**Exercise aim:** Check each line of the material below for "offset". Report how many have it, with no other words.

-- Opening Marker --

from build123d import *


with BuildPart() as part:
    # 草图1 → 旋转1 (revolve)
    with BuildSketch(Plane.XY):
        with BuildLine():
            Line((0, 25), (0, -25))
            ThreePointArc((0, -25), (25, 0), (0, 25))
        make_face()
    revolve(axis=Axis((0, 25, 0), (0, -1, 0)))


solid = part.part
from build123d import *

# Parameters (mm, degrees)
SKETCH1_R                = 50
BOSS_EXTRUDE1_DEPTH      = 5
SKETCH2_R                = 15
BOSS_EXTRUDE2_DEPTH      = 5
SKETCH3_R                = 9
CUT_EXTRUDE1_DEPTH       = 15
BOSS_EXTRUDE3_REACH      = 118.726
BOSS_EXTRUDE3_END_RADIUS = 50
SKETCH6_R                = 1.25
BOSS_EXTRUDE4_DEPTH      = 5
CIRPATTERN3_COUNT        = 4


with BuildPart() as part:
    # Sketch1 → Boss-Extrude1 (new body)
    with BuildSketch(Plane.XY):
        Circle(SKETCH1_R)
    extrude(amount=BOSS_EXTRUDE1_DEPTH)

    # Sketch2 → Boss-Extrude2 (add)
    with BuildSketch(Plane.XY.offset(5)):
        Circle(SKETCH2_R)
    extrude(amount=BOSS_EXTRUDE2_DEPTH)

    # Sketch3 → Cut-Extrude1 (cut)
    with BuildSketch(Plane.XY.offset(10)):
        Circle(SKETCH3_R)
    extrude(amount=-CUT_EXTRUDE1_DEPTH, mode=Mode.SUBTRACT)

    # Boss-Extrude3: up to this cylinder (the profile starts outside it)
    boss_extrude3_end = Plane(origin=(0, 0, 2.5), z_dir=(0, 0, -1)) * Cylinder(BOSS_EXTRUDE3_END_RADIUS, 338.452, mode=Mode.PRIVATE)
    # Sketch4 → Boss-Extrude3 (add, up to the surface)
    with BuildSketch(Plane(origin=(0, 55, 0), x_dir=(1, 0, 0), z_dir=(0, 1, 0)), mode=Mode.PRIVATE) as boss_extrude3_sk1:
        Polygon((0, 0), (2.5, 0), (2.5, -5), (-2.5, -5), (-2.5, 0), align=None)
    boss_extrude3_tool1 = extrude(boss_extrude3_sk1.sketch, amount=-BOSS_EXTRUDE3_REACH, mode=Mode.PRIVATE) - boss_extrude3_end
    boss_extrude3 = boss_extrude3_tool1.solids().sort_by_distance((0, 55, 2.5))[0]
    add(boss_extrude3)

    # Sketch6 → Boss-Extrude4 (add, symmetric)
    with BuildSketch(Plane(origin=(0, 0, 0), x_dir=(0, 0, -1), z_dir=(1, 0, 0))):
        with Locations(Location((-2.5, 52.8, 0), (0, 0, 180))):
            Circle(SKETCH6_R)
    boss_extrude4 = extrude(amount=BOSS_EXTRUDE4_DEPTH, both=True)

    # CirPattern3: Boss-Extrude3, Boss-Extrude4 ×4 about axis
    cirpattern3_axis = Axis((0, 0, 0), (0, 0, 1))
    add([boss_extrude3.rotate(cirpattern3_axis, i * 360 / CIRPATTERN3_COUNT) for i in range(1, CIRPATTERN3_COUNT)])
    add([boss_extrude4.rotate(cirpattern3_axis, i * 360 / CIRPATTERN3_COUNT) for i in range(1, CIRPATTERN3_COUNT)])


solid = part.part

-- Closing Marker --

**Solved exercise:** 2